● **RECORD SET**:
* * *
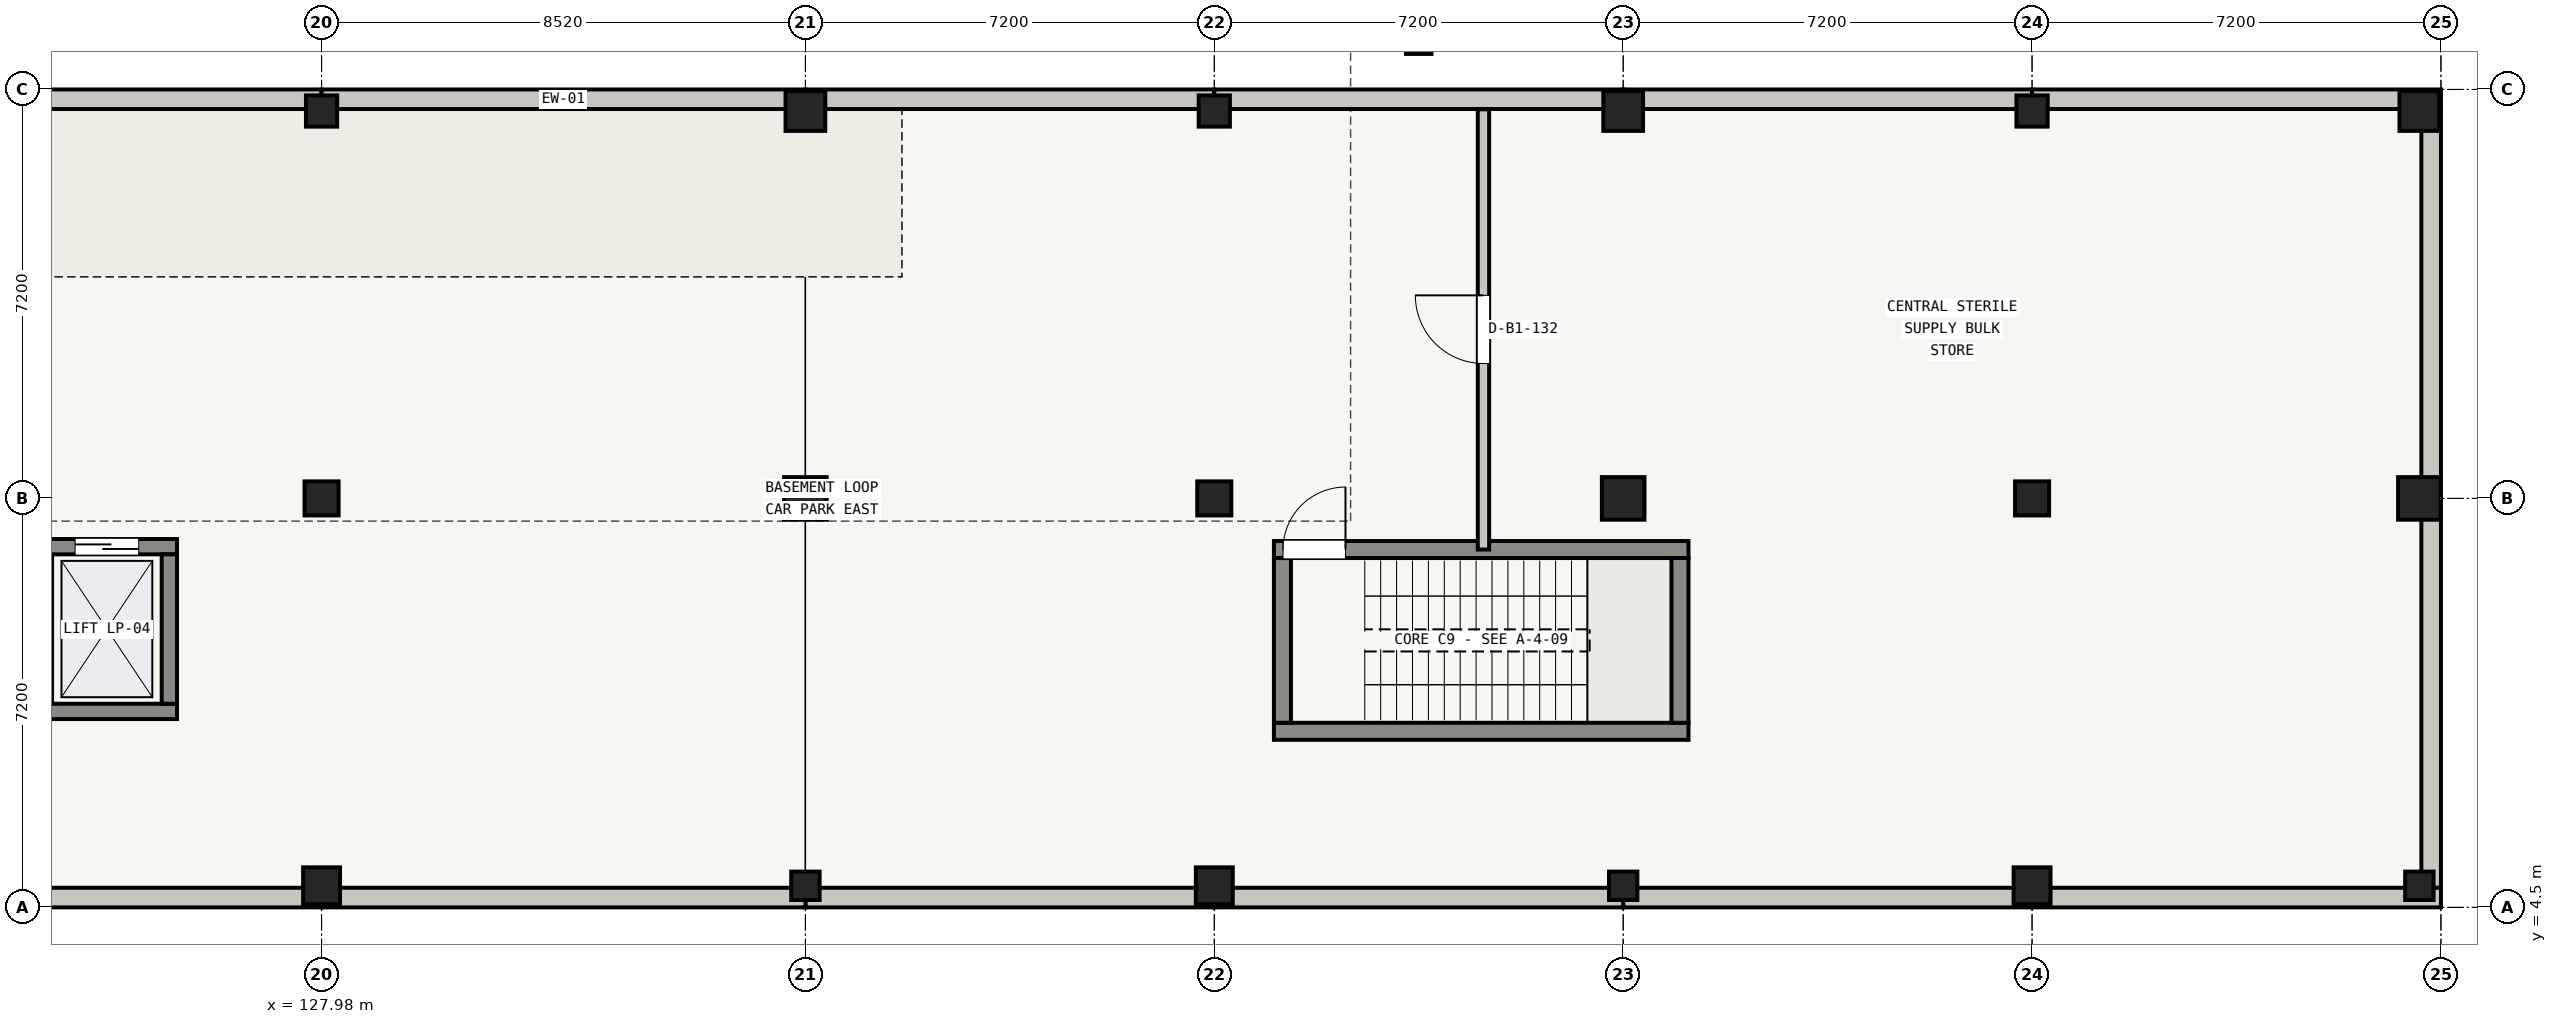
"""IFC4 building model, lengths in metres.
Left out: names, types, materials, properties, quantities, classifications, styles, units other than length and angle.
Written with IfcOpenShell. Run it as: python <this file> out.ifc"""

import sys

from ifc_helpers import new_model, si_unit, direction, frame, frame_2d, origin, origin_2d, place, context, subcontext, project, spatial, rectangle, extrude, element, fill, save


model = new_model("IFC4")
c1 = context("Model", 3, precision=1e-05, world=origin(), true_north=direction((0.0, 1.0)))
c2 = subcontext(c1, "Body", "Model", "MODEL_VIEW")
j1 = project(units=[si_unit("LENGTHUNIT", "METRE"), si_unit("PLANEANGLEUNIT", "RADIAN")], contexts=[c1])
p1 = place(None, origin())
s1 = spatial("IfcSite", under=j1, at=p1, CompositionType="ELEMENT")
p2 = place(p1, origin())
s2 = spatial("IfcBuilding", under=s1, at=p2, CompositionType="ELEMENT")
p3 = place(p2, frame((0.0, 0.0, -4.5)))
s3 = spatial("IfcBuildingStorey", under=s2, at=p3, CompositionType="ELEMENT", Elevation=-4.5)
p4 = place(p3, frame((147.3, 19.75, -0.42), z_axis=(0.0, 0.0, 1.0), x_axis=(1.0, 0.0, 0.0)))
e1 = element("IfcColumn", 1, at=p4, inside=s3, PredefinedType="COLUMN", context=c2, shape_type="SweptSolid", body=[
    extrude(rectangle(XDim=0.45, YDim=0.45, at=origin_2d()), origin(), (0.0, 0.0, 1.0), 1.83),
])
p5 = place(p3, frame((127.98, 4.88, -0.42), z_axis=(0.0, 0.0, 1.0), x_axis=(1.0, 0.0, 0.0)))
e2 = element("IfcColumn", 2, at=p5, inside=s3, PredefinedType="COLUMN", context=c2, shape_type="SweptSolid", body=[
    extrude(rectangle(XDim=0.65, YDim=0.65, at=origin_2d()), origin(), (0.0, 0.0, 1.0), 4.625),
])
p6 = place(p3, frame((127.98, 11.7, -0.42), z_axis=(0.0, 0.0, 1.0), x_axis=(1.0, 0.0, 0.0)))
e3 = element("IfcColumn", 3, at=p6, inside=s3, PredefinedType="COLUMN", context=c2, shape_type="SweptSolid", body=[
    extrude(rectangle(XDim=0.6, YDim=0.6, at=origin_2d()), origin(), (0.0, 0.0, 1.0), 4.625),
])
p7 = place(p3, frame((127.98, 18.52, -0.42), z_axis=(0.0, 0.0, 1.0), x_axis=(1.0, 0.0, 0.0)))
e4 = element("IfcColumn", 4, at=p7, inside=s3, PredefinedType="COLUMN", context=c2, shape_type="SweptSolid", body=[
    extrude(rectangle(XDim=0.55, YDim=0.55, at=origin_2d()), origin(), (0.0, 0.0, 1.0), 4.625),
])
p8 = place(p3, frame((136.5, 4.88, -0.42), z_axis=(0.0, 0.0, 1.0), x_axis=(1.0, 0.0, 0.0)))
e5 = element("IfcColumn", 5, at=p8, inside=s3, PredefinedType="COLUMN", context=c2, shape_type="SweptSolid", body=[
    extrude(rectangle(XDim=0.5, YDim=0.5, at=origin_2d()), origin(), (0.0, 0.0, 1.0), 4.625),
])
p9 = place(p3, frame((136.5, 11.7, -0.42), z_axis=(0.0, 0.0, 1.0), x_axis=(1.0, 0.0, 0.0)))
e6 = element("IfcColumn", 6, at=p9, inside=s3, PredefinedType="COLUMN", context=c2, shape_type="SweptSolid", body=[
    extrude(rectangle(XDim=0.75, YDim=0.75, at=origin_2d()), origin(), (0.0, 0.0, 1.0), 4.625),
])
p10 = place(p3, frame((136.5, 18.52, -0.42), z_axis=(0.0, 0.0, 1.0), x_axis=(1.0, 0.0, 0.0)))
e7 = element("IfcColumn", 7, at=p10, inside=s3, PredefinedType="COLUMN", context=c2, shape_type="SweptSolid", body=[
    extrude(rectangle(XDim=0.7, YDim=0.7, at=origin_2d()), origin(), (0.0, 0.0, 1.0), 4.625),
])
p11 = place(p3, frame((143.7, 4.88, -0.42), z_axis=(0.0, 0.0, 1.0), x_axis=(1.0, 0.0, 0.0)))
e8 = element("IfcColumn", 8, at=p11, inside=s3, PredefinedType="COLUMN", context=c2, shape_type="SweptSolid", body=[
    extrude(rectangle(XDim=0.65, YDim=0.65, at=origin_2d()), origin(), (0.0, 0.0, 1.0), 4.625),
])
p12 = place(p3, frame((143.7, 11.7, -0.42), z_axis=(0.0, 0.0, 1.0), x_axis=(1.0, 0.0, 0.0)))
e9 = element("IfcColumn", 9, at=p12, inside=s3, PredefinedType="COLUMN", context=c2, shape_type="SweptSolid", body=[
    extrude(rectangle(XDim=0.6, YDim=0.6, at=origin_2d()), origin(), (0.0, 0.0, 1.0), 4.625),
])
p13 = place(p3, frame((143.7, 18.52, -0.42), z_axis=(0.0, 0.0, 1.0), x_axis=(1.0, 0.0, 0.0)))
e10 = element("IfcColumn", 10, at=p13, inside=s3, PredefinedType="COLUMN", context=c2, shape_type="SweptSolid", body=[
    extrude(rectangle(XDim=0.55, YDim=0.55, at=origin_2d()), origin(), (0.0, 0.0, 1.0), 4.625),
])
p14 = place(p3, frame((150.9, 4.88, -0.42), z_axis=(0.0, 0.0, 1.0), x_axis=(1.0, 0.0, 0.0)))
e11 = element("IfcColumn", 11, at=p14, inside=s3, PredefinedType="COLUMN", context=c2, shape_type="SweptSolid", body=[
    extrude(rectangle(XDim=0.5, YDim=0.5, at=origin_2d()), origin(), (0.0, 0.0, 1.0), 4.625),
])
p15 = place(p3, frame((150.9, 11.7, -0.42), z_axis=(0.0, 0.0, 1.0), x_axis=(1.0, 0.0, 0.0)))
e12 = element("IfcColumn", 12, at=p15, inside=s3, PredefinedType="COLUMN", context=c2, shape_type="SweptSolid", body=[
    extrude(rectangle(XDim=0.75, YDim=0.75, at=origin_2d()), origin(), (0.0, 0.0, 1.0), 4.625),
])
p16 = place(p3, frame((150.9, 18.52, -0.42), z_axis=(0.0, 0.0, 1.0), x_axis=(1.0, 0.0, 0.0)))
e13 = element("IfcColumn", 13, at=p16, inside=s3, PredefinedType="COLUMN", context=c2, shape_type="SweptSolid", body=[
    extrude(rectangle(XDim=0.7, YDim=0.7, at=origin_2d()), origin(), (0.0, 0.0, 1.0), 4.625),
])
p17 = place(p3, frame((158.1, 4.88, -0.42), z_axis=(0.0, 0.0, 1.0), x_axis=(1.0, 0.0, 0.0)))
e14 = element("IfcColumn", 14, at=p17, inside=s3, PredefinedType="COLUMN", context=c2, shape_type="SweptSolid", body=[
    extrude(rectangle(XDim=0.65, YDim=0.65, at=origin_2d()), origin(), (0.0, 0.0, 1.0), 4.625),
])
p18 = place(p3, frame((158.1, 11.7, -0.42), z_axis=(0.0, 0.0, 1.0), x_axis=(1.0, 0.0, 0.0)))
e15 = element("IfcColumn", 15, at=p18, inside=s3, PredefinedType="COLUMN", context=c2, shape_type="SweptSolid", body=[
    extrude(rectangle(XDim=0.6, YDim=0.6, at=origin_2d()), origin(), (0.0, 0.0, 1.0), 4.625),
])
p19 = place(p3, frame((158.1, 18.52, -0.42), z_axis=(0.0, 0.0, 1.0), x_axis=(1.0, 0.0, 0.0)))
e16 = element("IfcColumn", 16, at=p19, inside=s3, PredefinedType="COLUMN", context=c2, shape_type="SweptSolid", body=[
    extrude(rectangle(XDim=0.55, YDim=0.55, at=origin_2d()), origin(), (0.0, 0.0, 1.0), 4.625),
])
p20 = place(p3, frame((164.92, 4.88, -0.42), z_axis=(0.0, 0.0, 1.0), x_axis=(1.0, 0.0, 0.0)))
e17 = element("IfcColumn", 17, at=p20, inside=s3, PredefinedType="COLUMN", context=c2, shape_type="SweptSolid", body=[
    extrude(rectangle(XDim=0.5, YDim=0.5, at=origin_2d()), origin(), (0.0, 0.0, 1.0), 4.625),
])
p21 = place(p3, frame((164.92, 11.7, -0.42), z_axis=(0.0, 0.0, 1.0), x_axis=(1.0, 0.0, 0.0)))
e18 = element("IfcColumn", 18, at=p21, inside=s3, PredefinedType="COLUMN", context=c2, shape_type="SweptSolid", body=[
    extrude(rectangle(XDim=0.75, YDim=0.75, at=origin_2d()), origin(), (0.0, 0.0, 1.0), 4.625),
])
p22 = place(p3, frame((164.92, 18.52, -0.42), z_axis=(0.0, 0.0, 1.0), x_axis=(1.0, 0.0, 0.0)))
e19 = element("IfcColumn", 19, at=p22, inside=s3, PredefinedType="COLUMN", context=c2, shape_type="SweptSolid", body=[
    extrude(rectangle(XDim=0.7, YDim=0.7, at=origin_2d()), origin(), (0.0, 0.0, 1.0), 4.625),
])
p23 = place(p3, frame((120.54, 18.728, -0.42), z_axis=(0.0, 0.0, 1.0), x_axis=(1.0, 0.0, 0.0)))
e20 = element("IfcWall", 20, at=p23, inside=s3, PredefinedType="SOLIDWALL", context=c2, shape_type="SweptSolid", body=[
    extrude(rectangle(XDim=7.44, YDim=0.345, at=frame_2d((3.72, 0.0))), origin(), (0.0, 0.0, 1.0), 3.99),
])
p24 = place(p3, frame((127.98, 18.728, -0.42), z_axis=(0.0, 0.0, 1.0), x_axis=(1.0, 0.0, 0.0)))
e21 = element("IfcWall", 21, at=p24, inside=s3, PredefinedType="SOLIDWALL", context=c2, shape_type="SweptSolid", body=[
    extrude(rectangle(XDim=8.52, YDim=0.345, at=frame_2d((4.26, 0.0))), origin(), (0.0, 0.0, 1.0), 4.01),
])
p25 = place(p3, frame((136.5, 18.728, -0.42), z_axis=(0.0, 0.0, 1.0), x_axis=(1.0, 0.0, 0.0)))
e22 = element("IfcWall", 22, at=p25, inside=s3, PredefinedType="SOLIDWALL", context=c2, shape_type="SweptSolid", body=[
    extrude(rectangle(XDim=7.2, YDim=0.345, at=frame_2d((3.6, 0.0))), origin(), (0.0, 0.0, 1.0), 4.01),
])
p26 = place(p3, frame((143.7, 18.728, -0.42), z_axis=(0.0, 0.0, 1.0), x_axis=(1.0, 0.0, 0.0)))
e23 = element("IfcWall", 23, at=p26, inside=s3, PredefinedType="SOLIDWALL", context=c2, shape_type="SweptSolid", body=[
    extrude(rectangle(XDim=7.2, YDim=0.345, at=frame_2d((3.6, 0.0))), origin(), (0.0, 0.0, 1.0), 3.99),
])
p27 = place(p3, frame((150.9, 18.728, -0.42), z_axis=(0.0, 0.0, 1.0), x_axis=(1.0, 0.0, 0.0)))
e24 = element("IfcWall", 24, at=p27, inside=s3, PredefinedType="SOLIDWALL", context=c2, shape_type="SweptSolid", body=[
    extrude(rectangle(XDim=7.2, YDim=0.345, at=frame_2d((3.6, 0.0))), origin(), (0.0, 0.0, 1.0), 3.81),
])
p28 = place(p3, frame((158.1, 18.728, -0.42), z_axis=(0.0, 0.0, 1.0), x_axis=(1.0, 0.0, 0.0)))
e25 = element("IfcWall", 25, at=p28, inside=s3, PredefinedType="SOLIDWALL", context=c2, shape_type="SweptSolid", body=[
    extrude(rectangle(XDim=7.2, YDim=0.345, at=frame_2d((3.6, 0.0))), origin(), (0.0, 0.0, 1.0), 3.81),
])
for number, where, z_axis, x_axis in (
    (26, (165.127, 18.555, -0.42), (0.0, 0.0, 1.0), (0.0, -1.0, 0.0)),
    (27, (165.127, 11.7, -0.42), (0.0, 0.0, 1.0), (0.0, -1.0, 0.0)),
):
    element("IfcWall", number, at=place(p3, frame(where, z_axis=z_axis, x_axis=x_axis)), inside=s3, PredefinedType="SOLIDWALL", context=c2, shape_type="SweptSolid", body=[
        extrude(rectangle(XDim=6.855, YDim=0.345, at=frame_2d((3.427, 0.0))), origin(), (0.0, 0.0, 1.0), 4.06),
    ])
p29 = place(p3, frame((165.3, 4.673, -0.42), z_axis=(0.0, 0.0, 1.0), x_axis=(-1.0, 0.0, 0.0)))
e28 = element("IfcWall", 28, at=p29, inside=s3, PredefinedType="SOLIDWALL", context=c2, shape_type="SweptSolid", body=[
    extrude(rectangle(XDim=7.2, YDim=0.345, at=frame_2d((3.6, 0.0))), origin(), (0.0, 0.0, 1.0), 4.01),
])
p30 = place(p3, frame((158.1, 4.673, -0.42), z_axis=(0.0, 0.0, 1.0), x_axis=(-1.0, 0.0, 0.0)))
e29 = element("IfcWall", 29, at=p30, inside=s3, PredefinedType="SOLIDWALL", context=c2, shape_type="SweptSolid", body=[
    extrude(rectangle(XDim=7.2, YDim=0.345, at=frame_2d((3.6, 0.0))), origin(), (0.0, 0.0, 1.0), 3.99),
])
for number, where, z_axis, x_axis in (
    (30, (150.9, 4.673, -0.42), (0.0, 0.0, 1.0), (-1.0, 0.0, 0.0)),
    (31, (143.7, 4.673, -0.42), (0.0, 0.0, 1.0), (-1.0, 0.0, 0.0)),
):
    element("IfcWall", number, at=place(p3, frame(where, z_axis=z_axis, x_axis=x_axis)), inside=s3, PredefinedType="SOLIDWALL", context=c2, shape_type="SweptSolid", body=[
        extrude(rectangle(XDim=7.2, YDim=0.345, at=frame_2d((3.6, 0.0))), origin(), (0.0, 0.0, 1.0), 3.99),
    ])
p31 = place(p3, frame((136.5, 4.673, -0.42), z_axis=(0.0, 0.0, 1.0), x_axis=(-1.0, 0.0, 0.0)))
e32 = element("IfcWall", 32, at=p31, inside=s3, PredefinedType="SOLIDWALL", context=c2, shape_type="SweptSolid", body=[
    extrude(rectangle(XDim=8.52, YDim=0.345, at=frame_2d((4.26, 0.0))), origin(), (0.0, 0.0, 1.0), 4.01),
])
p32 = place(p3, frame((127.98, 4.673, -0.42), z_axis=(0.0, 0.0, 1.0), x_axis=(-1.0, 0.0, 0.0)))
e33 = element("IfcWall", 33, at=p32, inside=s3, PredefinedType="SOLIDWALL", context=c2, shape_type="SweptSolid", body=[
    extrude(rectangle(XDim=7.44, YDim=0.345, at=frame_2d((3.72, 0.0))), origin(), (0.0, 0.0, 1.0), 4.01),
])
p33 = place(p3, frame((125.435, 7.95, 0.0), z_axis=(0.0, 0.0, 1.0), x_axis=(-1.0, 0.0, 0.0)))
* * *
● **EXERCISE DESCRIPTION**: All lines in the records above that contain "import" are to be reported.

● **ANSWER BOX**:
import sys
from ifc_helpers import new_model, si_unit, direction, frame, frame_2d, origin, origin_2d, place, context, subcontext, project, spatial, rectangle, extrude, element, fill, save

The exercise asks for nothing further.